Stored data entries
————

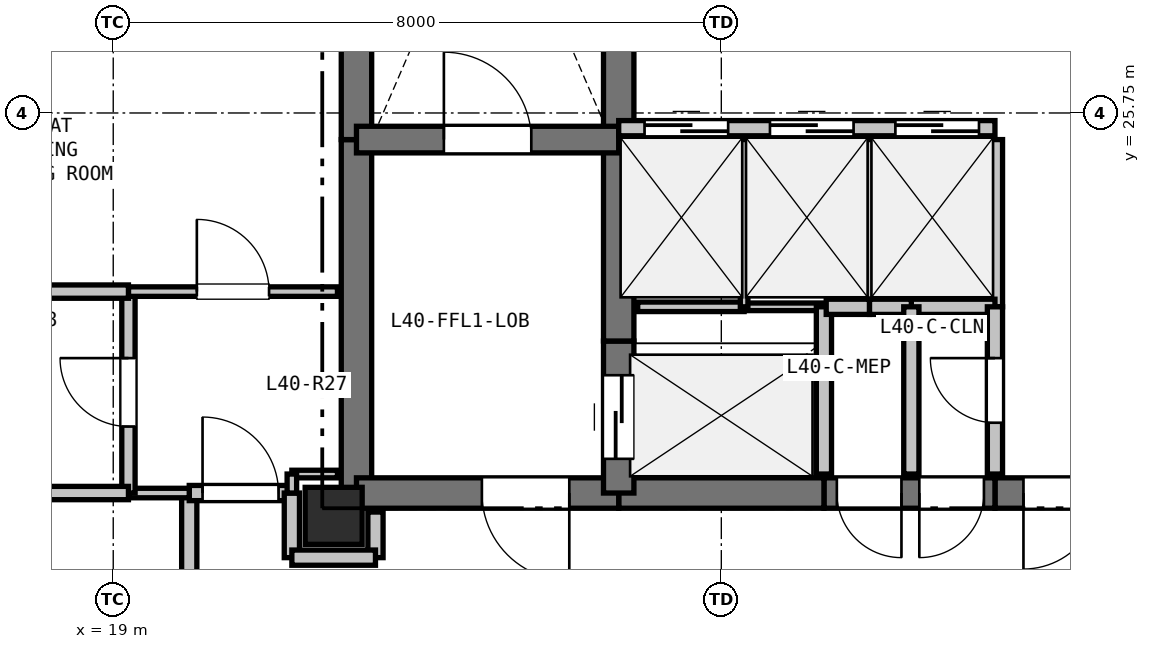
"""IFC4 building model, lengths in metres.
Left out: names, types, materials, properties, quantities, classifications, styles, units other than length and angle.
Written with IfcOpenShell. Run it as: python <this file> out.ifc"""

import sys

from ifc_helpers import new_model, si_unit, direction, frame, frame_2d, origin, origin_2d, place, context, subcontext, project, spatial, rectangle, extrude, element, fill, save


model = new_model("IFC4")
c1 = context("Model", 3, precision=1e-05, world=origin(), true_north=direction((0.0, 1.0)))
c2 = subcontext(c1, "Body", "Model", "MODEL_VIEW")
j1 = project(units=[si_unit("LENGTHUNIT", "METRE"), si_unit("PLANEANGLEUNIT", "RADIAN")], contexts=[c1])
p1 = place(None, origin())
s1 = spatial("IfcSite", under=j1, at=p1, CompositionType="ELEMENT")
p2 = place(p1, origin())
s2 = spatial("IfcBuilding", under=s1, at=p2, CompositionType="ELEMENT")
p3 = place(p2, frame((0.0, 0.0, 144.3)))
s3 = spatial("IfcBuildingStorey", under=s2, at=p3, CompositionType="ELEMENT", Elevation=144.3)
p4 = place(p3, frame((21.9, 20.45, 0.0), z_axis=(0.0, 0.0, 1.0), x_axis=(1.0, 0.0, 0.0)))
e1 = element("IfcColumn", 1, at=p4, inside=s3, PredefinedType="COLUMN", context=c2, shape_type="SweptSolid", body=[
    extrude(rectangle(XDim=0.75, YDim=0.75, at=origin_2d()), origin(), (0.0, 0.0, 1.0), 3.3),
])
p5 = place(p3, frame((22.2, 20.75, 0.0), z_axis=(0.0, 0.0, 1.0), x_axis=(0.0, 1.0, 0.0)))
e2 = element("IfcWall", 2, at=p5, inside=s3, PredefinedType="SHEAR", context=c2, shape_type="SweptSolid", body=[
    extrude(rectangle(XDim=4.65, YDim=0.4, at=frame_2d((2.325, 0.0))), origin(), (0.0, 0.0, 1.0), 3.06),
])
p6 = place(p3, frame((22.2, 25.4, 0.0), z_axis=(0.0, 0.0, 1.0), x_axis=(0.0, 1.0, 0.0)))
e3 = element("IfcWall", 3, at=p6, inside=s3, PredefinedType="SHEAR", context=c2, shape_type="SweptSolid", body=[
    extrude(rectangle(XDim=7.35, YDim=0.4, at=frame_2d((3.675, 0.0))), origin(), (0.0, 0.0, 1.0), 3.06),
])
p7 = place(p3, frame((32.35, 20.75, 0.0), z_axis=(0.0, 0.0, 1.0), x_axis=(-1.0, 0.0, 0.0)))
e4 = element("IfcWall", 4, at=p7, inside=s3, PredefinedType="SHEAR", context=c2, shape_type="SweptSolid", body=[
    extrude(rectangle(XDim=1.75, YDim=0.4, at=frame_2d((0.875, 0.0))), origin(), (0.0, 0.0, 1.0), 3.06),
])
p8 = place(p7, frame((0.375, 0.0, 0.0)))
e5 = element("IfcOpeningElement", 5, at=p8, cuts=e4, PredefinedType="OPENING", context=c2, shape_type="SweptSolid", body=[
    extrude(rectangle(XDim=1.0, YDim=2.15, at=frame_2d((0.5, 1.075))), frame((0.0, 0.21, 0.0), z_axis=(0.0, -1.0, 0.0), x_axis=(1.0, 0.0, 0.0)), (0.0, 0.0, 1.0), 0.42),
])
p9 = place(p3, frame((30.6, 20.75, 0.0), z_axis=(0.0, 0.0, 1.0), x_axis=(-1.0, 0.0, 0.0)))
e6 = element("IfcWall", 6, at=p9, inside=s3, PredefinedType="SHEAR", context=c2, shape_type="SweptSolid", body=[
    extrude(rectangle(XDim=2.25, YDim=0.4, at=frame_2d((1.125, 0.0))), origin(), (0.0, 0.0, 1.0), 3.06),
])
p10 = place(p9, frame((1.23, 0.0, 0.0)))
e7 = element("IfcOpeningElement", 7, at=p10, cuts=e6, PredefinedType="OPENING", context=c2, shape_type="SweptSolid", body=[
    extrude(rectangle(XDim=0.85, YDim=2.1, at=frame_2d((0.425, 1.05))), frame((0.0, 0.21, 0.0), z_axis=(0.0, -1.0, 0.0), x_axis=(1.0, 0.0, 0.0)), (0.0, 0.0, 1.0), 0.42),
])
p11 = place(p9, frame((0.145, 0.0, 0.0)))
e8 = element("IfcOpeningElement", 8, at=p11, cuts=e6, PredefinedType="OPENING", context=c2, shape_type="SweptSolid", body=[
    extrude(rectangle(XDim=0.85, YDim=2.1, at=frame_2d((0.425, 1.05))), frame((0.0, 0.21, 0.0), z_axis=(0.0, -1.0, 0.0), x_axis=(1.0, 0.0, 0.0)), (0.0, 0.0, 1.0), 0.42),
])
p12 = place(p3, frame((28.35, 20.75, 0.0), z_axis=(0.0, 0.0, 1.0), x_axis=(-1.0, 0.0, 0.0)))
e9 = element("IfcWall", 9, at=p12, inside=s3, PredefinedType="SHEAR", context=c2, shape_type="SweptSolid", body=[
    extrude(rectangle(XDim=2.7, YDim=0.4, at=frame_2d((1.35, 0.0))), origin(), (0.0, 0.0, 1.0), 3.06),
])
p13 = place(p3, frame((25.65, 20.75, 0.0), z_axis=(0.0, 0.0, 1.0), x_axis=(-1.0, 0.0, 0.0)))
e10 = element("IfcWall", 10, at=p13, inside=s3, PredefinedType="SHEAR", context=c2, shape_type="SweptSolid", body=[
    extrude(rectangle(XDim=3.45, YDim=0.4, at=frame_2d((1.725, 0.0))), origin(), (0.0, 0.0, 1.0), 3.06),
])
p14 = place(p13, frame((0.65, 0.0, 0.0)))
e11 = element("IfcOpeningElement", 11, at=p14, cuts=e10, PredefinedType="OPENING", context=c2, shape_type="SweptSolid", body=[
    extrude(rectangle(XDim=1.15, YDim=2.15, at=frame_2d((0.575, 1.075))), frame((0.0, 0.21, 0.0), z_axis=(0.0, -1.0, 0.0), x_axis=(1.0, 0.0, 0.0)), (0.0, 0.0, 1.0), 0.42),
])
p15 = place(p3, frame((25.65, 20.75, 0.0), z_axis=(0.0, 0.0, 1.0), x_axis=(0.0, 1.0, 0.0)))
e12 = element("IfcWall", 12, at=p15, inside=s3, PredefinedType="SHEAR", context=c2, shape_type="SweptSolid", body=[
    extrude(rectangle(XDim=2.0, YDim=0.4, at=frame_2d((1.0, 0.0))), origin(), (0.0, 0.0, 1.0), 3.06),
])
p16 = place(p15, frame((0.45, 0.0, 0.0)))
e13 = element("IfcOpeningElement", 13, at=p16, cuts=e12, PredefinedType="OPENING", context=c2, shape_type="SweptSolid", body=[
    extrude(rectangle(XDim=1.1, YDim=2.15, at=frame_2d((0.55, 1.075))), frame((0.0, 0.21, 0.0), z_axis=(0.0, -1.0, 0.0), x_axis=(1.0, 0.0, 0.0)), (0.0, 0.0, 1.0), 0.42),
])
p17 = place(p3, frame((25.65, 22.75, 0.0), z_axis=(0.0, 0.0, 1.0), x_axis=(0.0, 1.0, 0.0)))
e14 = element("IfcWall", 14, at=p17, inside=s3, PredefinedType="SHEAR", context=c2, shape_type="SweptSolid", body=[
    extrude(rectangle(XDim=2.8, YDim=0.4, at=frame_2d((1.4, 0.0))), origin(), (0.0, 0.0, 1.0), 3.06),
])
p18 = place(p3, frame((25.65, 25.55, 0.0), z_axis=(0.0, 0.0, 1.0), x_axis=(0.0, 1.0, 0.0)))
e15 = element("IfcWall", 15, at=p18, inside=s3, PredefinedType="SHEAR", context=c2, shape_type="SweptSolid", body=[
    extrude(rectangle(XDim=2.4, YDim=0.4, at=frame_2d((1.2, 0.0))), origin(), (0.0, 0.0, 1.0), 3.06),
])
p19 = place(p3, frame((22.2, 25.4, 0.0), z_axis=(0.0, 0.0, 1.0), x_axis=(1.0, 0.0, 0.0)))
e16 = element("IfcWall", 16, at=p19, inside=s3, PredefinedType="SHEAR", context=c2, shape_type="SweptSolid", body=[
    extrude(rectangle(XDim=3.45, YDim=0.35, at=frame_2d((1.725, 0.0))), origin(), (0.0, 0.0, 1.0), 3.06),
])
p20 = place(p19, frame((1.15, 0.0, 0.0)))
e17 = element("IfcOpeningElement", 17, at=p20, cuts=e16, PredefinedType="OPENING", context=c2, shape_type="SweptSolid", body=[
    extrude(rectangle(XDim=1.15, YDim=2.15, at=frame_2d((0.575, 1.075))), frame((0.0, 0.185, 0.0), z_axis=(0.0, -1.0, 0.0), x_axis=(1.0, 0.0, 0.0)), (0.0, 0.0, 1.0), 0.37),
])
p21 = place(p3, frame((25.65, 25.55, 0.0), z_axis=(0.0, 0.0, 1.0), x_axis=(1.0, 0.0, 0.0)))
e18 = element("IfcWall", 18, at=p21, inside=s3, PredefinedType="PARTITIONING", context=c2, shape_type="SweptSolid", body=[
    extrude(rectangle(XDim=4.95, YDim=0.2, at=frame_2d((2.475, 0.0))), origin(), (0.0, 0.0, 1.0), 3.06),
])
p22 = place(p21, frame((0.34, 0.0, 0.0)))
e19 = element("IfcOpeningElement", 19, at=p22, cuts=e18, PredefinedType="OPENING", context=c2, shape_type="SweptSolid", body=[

————

=== YOUR ASSIGNMENT ===
Without any picture, return exactly the lines of the records above from the first through the line that contains "p1 = place(None, origin())".

=== EXERCISE OUTPUT ===
"""IFC4 building model, lengths in metres.
Left out: names, types, materials, properties, quantities, classifications, styles, units other than length and angle.
Written with IfcOpenShell. Run it as: python <this file> out.ifc"""

import sys

from ifc_helpers import new_model, si_unit, direction, frame, frame_2d, origin, origin_2d, place, context, subcontext, project, spatial, rectangle, extrude, element, fill, save


model = new_model("IFC4")
c1 = context("Model", 3, precision=1e-05, world=origin(), true_north=direction((0.0, 1.0)))
c2 = subcontext(c1, "Body", "Model", "MODEL_VIEW")
j1 = project(units=[si_unit("LENGTHUNIT", "METRE"), si_unit("PLANEANGLEUNIT", "RADIAN")], contexts=[c1])
p1 = place(None, origin())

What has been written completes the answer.